> _Problem to solve_
The records below must be output exactly, with no images carried over.

> _Records from a data collection_
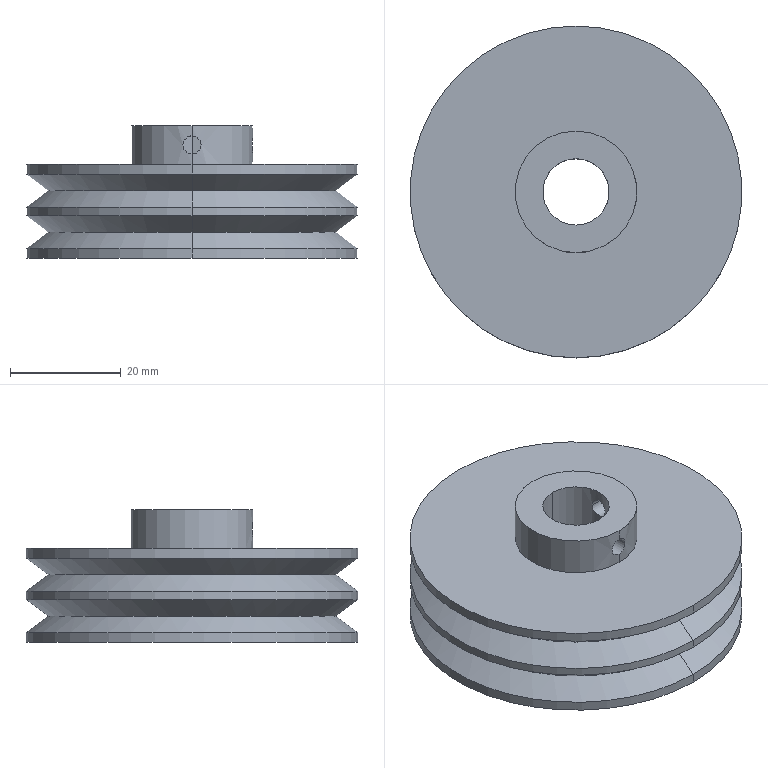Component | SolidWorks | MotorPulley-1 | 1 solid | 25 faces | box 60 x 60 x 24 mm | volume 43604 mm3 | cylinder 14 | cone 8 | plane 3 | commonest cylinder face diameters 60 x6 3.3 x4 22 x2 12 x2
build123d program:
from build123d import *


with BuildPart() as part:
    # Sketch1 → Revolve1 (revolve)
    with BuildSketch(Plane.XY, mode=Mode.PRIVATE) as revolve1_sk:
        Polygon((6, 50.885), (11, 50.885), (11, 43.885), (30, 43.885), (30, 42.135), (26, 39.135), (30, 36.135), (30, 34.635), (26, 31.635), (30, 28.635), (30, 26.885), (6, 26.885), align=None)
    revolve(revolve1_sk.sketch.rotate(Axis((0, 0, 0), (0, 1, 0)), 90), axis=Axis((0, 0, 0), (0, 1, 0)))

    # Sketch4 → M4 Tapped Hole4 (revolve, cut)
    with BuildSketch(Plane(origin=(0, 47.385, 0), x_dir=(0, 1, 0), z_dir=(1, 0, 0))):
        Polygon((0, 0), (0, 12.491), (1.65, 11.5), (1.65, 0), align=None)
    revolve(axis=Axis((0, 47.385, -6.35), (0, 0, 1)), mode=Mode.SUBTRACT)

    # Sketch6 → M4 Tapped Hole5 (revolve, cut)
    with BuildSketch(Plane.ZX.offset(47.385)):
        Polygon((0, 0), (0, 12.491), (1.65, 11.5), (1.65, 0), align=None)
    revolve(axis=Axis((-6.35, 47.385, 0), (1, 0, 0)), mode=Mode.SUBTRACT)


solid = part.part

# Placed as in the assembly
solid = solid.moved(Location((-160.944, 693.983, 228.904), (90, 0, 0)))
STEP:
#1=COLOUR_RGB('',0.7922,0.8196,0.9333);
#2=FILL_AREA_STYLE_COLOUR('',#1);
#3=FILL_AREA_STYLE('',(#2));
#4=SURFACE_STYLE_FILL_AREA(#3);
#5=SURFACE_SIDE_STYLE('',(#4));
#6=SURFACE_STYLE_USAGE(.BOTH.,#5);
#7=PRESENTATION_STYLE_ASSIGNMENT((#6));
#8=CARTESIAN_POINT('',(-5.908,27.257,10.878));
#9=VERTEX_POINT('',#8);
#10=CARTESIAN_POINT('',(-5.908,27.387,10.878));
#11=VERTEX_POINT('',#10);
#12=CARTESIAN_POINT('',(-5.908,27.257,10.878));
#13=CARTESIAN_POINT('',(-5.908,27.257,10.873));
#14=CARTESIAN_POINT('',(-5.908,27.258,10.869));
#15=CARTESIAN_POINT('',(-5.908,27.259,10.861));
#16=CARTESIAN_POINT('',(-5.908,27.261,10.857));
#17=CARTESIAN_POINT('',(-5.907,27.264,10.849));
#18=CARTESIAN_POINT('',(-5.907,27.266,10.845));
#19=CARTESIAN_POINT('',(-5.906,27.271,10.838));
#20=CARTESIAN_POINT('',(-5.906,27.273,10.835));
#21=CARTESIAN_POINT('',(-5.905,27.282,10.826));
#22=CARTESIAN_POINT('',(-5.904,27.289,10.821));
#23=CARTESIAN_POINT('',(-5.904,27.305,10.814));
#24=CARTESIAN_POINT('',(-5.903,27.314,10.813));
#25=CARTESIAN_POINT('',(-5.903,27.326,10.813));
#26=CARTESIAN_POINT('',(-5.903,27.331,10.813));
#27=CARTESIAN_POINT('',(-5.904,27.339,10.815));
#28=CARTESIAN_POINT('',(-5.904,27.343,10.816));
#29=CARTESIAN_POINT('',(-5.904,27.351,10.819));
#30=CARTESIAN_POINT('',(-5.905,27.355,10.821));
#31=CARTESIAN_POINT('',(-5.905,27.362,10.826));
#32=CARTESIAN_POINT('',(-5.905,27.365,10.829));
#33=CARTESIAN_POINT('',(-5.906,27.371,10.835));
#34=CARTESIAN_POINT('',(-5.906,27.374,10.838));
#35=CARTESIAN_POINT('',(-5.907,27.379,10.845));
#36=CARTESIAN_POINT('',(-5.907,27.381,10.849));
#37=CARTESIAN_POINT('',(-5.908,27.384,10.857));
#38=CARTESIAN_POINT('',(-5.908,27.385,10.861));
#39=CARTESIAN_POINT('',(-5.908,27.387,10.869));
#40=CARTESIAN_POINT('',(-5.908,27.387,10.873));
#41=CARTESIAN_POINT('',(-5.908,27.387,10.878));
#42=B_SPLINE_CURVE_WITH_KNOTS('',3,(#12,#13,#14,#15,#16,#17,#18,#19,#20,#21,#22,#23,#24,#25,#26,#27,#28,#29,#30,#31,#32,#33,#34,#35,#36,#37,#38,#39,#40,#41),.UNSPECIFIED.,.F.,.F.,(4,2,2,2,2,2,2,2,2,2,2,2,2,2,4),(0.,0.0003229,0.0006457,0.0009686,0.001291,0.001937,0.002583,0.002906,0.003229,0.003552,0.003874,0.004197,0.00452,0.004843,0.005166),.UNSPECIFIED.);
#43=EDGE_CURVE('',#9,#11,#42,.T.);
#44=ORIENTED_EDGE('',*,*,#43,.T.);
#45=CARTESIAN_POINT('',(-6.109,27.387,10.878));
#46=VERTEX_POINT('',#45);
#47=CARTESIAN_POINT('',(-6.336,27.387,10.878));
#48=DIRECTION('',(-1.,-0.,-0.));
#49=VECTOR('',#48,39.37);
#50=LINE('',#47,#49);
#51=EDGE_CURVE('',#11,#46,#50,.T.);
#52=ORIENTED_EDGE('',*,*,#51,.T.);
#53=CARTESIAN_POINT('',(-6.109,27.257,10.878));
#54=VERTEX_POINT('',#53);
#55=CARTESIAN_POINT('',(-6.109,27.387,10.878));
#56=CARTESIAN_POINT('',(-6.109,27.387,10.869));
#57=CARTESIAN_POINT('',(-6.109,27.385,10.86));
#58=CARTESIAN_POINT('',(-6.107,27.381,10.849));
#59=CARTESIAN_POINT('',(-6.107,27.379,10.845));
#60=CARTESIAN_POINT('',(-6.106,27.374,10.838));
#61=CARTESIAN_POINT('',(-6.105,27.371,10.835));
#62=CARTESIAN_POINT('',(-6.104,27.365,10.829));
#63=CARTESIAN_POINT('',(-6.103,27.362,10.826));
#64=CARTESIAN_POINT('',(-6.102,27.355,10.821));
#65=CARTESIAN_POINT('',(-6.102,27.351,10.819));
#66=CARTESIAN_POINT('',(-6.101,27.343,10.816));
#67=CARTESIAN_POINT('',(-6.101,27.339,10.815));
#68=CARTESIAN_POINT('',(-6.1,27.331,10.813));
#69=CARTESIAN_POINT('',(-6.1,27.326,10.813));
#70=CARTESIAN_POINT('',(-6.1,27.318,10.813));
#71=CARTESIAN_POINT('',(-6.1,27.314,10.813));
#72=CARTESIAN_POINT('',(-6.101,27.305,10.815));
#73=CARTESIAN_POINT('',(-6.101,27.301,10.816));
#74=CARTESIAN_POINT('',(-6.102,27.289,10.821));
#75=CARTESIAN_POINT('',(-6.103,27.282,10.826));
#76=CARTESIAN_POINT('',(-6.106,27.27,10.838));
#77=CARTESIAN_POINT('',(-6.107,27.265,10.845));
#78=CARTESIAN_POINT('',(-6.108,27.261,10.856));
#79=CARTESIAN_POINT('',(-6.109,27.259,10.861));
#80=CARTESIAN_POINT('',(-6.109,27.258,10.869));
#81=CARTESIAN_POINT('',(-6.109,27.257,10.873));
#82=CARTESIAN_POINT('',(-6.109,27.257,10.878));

> _Response area_
Component | SolidWorks | MotorPulley-1 | 1 solid | 25 faces | box 60 x 60 x 24 mm | volume 43604 mm3 | cylinder 14 | cone 8 | plane 3 | commonest cylinder face diameters 60 x6 3.3 x4 22 x2 12 x2
build123d program:
from build123d import *


with BuildPart() as part:
    # Sketch1 → Revolve1 (revolve)
    with BuildSketch(Plane.XY, mode=Mode.PRIVATE) as revolve1_sk:
        Polygon((6, 50.885), (11, 50.885), (11, 43.885), (30, 43.885), (30, 42.135), (26, 39.135), (30, 36.135), (30, 34.635), (26, 31.635), (30, 28.635), (30, 26.885), (6, 26.885), align=None)
    revolve(revolve1_sk.sketch.rotate(Axis((0, 0, 0), (0, 1, 0)), 90), axis=Axis((0, 0, 0), (0, 1, 0)))

    # Sketch4 → M4 Tapped Hole4 (revolve, cut)
    with BuildSketch(Plane(origin=(0, 47.385, 0), x_dir=(0, 1, 0), z_dir=(1, 0, 0))):
        Polygon((0, 0), (0, 12.491), (1.65, 11.5), (1.65, 0), align=None)
    revolve(axis=Axis((0, 47.385, -6.35), (0, 0, 1)), mode=Mode.SUBTRACT)

    # Sketch6 → M4 Tapped Hole5 (revolve, cut)
    with BuildSketch(Plane.ZX.offset(47.385)):
        Polygon((0, 0), (0, 12.491), (1.65, 11.5), (1.65, 0), align=None)
    revolve(axis=Axis((-6.35, 47.385, 0), (1, 0, 0)), mode=Mode.SUBTRACT)


solid = part.part

# Placed as in the assembly
solid = solid.moved(Location((-160.944, 693.983, 228.904), (90, 0, 0)))
STEP:
#1=COLOUR_RGB('',0.7922,0.8196,0.9333);
#2=FILL_AREA_STYLE_COLOUR('',#1);
#3=FILL_AREA_STYLE('',(#2));
#4=SURFACE_STYLE_FILL_AREA(#3);
#5=SURFACE_SIDE_STYLE('',(#4));
#6=SURFACE_STYLE_USAGE(.BOTH.,#5);
#7=PRESENTATION_STYLE_ASSIGNMENT((#6));
#8=CARTESIAN_POINT('',(-5.908,27.257,10.878));
#9=VERTEX_POINT('',#8);
#10=CARTESIAN_POINT('',(-5.908,27.387,10.878));
#11=VERTEX_POINT('',#10);
#12=CARTESIAN_POINT('',(-5.908,27.257,10.878));
#13=CARTESIAN_POINT('',(-5.908,27.257,10.873));
#14=CARTESIAN_POINT('',(-5.908,27.258,10.869));
#15=CARTESIAN_POINT('',(-5.908,27.259,10.861));
#16=CARTESIAN_POINT('',(-5.908,27.261,10.857));
#17=CARTESIAN_POINT('',(-5.907,27.264,10.849));
#18=CARTESIAN_POINT('',(-5.907,27.266,10.845));
#19=CARTESIAN_POINT('',(-5.906,27.271,10.838));
#20=CARTESIAN_POINT('',(-5.906,27.273,10.835));
#21=CARTESIAN_POINT('',(-5.905,27.282,10.826));
#22=CARTESIAN_POINT('',(-5.904,27.289,10.821));
#23=CARTESIAN_POINT('',(-5.904,27.305,10.814));
#24=CARTESIAN_POINT('',(-5.903,27.314,10.813));
#25=CARTESIAN_POINT('',(-5.903,27.326,10.813));
#26=CARTESIAN_POINT('',(-5.903,27.331,10.813));
#27=CARTESIAN_POINT('',(-5.904,27.339,10.815));
#28=CARTESIAN_POINT('',(-5.904,27.343,10.816));
#29=CARTESIAN_POINT('',(-5.904,27.351,10.819));
#30=CARTESIAN_POINT('',(-5.905,27.355,10.821));
#31=CARTESIAN_POINT('',(-5.905,27.362,10.826));
#32=CARTESIAN_POINT('',(-5.905,27.365,10.829));
#33=CARTESIAN_POINT('',(-5.906,27.371,10.835));
#34=CARTESIAN_POINT('',(-5.906,27.374,10.838));
#35=CARTESIAN_POINT('',(-5.907,27.379,10.845));
#36=CARTESIAN_POINT('',(-5.907,27.381,10.849));
#37=CARTESIAN_POINT('',(-5.908,27.384,10.857));
#38=CARTESIAN_POINT('',(-5.908,27.385,10.861));
#39=CARTESIAN_POINT('',(-5.908,27.387,10.869));
#40=CARTESIAN_POINT('',(-5.908,27.387,10.873));
#41=CARTESIAN_POINT('',(-5.908,27.387,10.878));
#42=B_SPLINE_CURVE_WITH_KNOTS('',3,(#12,#13,#14,#15,#16,#17,#18,#19,#20,#21,#22,#23,#24,#25,#26,#27,#28,#29,#30,#31,#32,#33,#34,#35,#36,#37,#38,#39,#40,#41),.UNSPECIFIED.,.F.,.F.,(4,2,2,2,2,2,2,2,2,2,2,2,2,2,4),(0.,0.0003229,0.0006457,0.0009686,0.001291,0.001937,0.002583,0.002906,0.003229,0.003552,0.003874,0.004197,0.00452,0.004843,0.005166),.UNSPECIFIED.);
#43=EDGE_CURVE('',#9,#11,#42,.T.);
#44=ORIENTED_EDGE('',*,*,#43,.T.);
#45=CARTESIAN_POINT('',(-6.109,27.387,10.878));
#46=VERTEX_POINT('',#45);
#47=CARTESIAN_POINT('',(-6.336,27.387,10.878));
#48=DIRECTION('',(-1.,-0.,-0.));
#49=VECTOR('',#48,39.37);
#50=LINE('',#47,#49);
#51=EDGE_CURVE('',#11,#46,#50,.T.);
#52=ORIENTED_EDGE('',*,*,#51,.T.);
#53=CARTESIAN_POINT('',(-6.109,27.257,10.878));
#54=VERTEX_POINT('',#53);
#55=CARTESIAN_POINT('',(-6.109,27.387,10.878));
#56=CARTESIAN_POINT('',(-6.109,27.387,10.869));
#57=CARTESIAN_POINT('',(-6.109,27.385,10.86));
#58=CARTESIAN_POINT('',(-6.107,27.381,10.849));
#59=CARTESIAN_POINT('',(-6.107,27.379,10.845));
#60=CARTESIAN_POINT('',(-6.106,27.374,10.838));
#61=CARTESIAN_POINT('',(-6.105,27.371,10.835));
#62=CARTESIAN_POINT('',(-6.104,27.365,10.829));
#63=CARTESIAN_POINT('',(-6.103,27.362,10.826));
#64=CARTESIAN_POINT('',(-6.102,27.355,10.821));
#65=CARTESIAN_POINT('',(-6.102,27.351,10.819));
#66=CARTESIAN_POINT('',(-6.101,27.343,10.816));
#67=CARTESIAN_POINT('',(-6.101,27.339,10.815));
#68=CARTESIAN_POINT('',(-6.1,27.331,10.813));
#69=CARTESIAN_POINT('',(-6.1,27.326,10.813));
#70=CARTESIAN_POINT('',(-6.1,27.318,10.813));
#71=CARTESIAN_POINT('',(-6.1,27.314,10.813));
#72=CARTESIAN_POINT('',(-6.101,27.305,10.815));
#73=CARTESIAN_POINT('',(-6.101,27.301,10.816));
#74=CARTESIAN_POINT('',(-6.102,27.289,10.821));
#75=CARTESIAN_POINT('',(-6.103,27.282,10.826));
#76=CARTESIAN_POINT('',(-6.106,27.27,10.838));
#77=CARTESIAN_POINT('',(-6.107,27.265,10.845));
#78=CARTESIAN_POINT('',(-6.108,27.261,10.856));
#79=CARTESIAN_POINT('',(-6.109,27.259,10.861));
#80=CARTESIAN_POINT('',(-6.109,27.258,10.869));
#81=CARTESIAN_POINT('',(-6.109,27.257,10.873));
#82=CARTESIAN_POINT('',(-6.109,27.257,10.878));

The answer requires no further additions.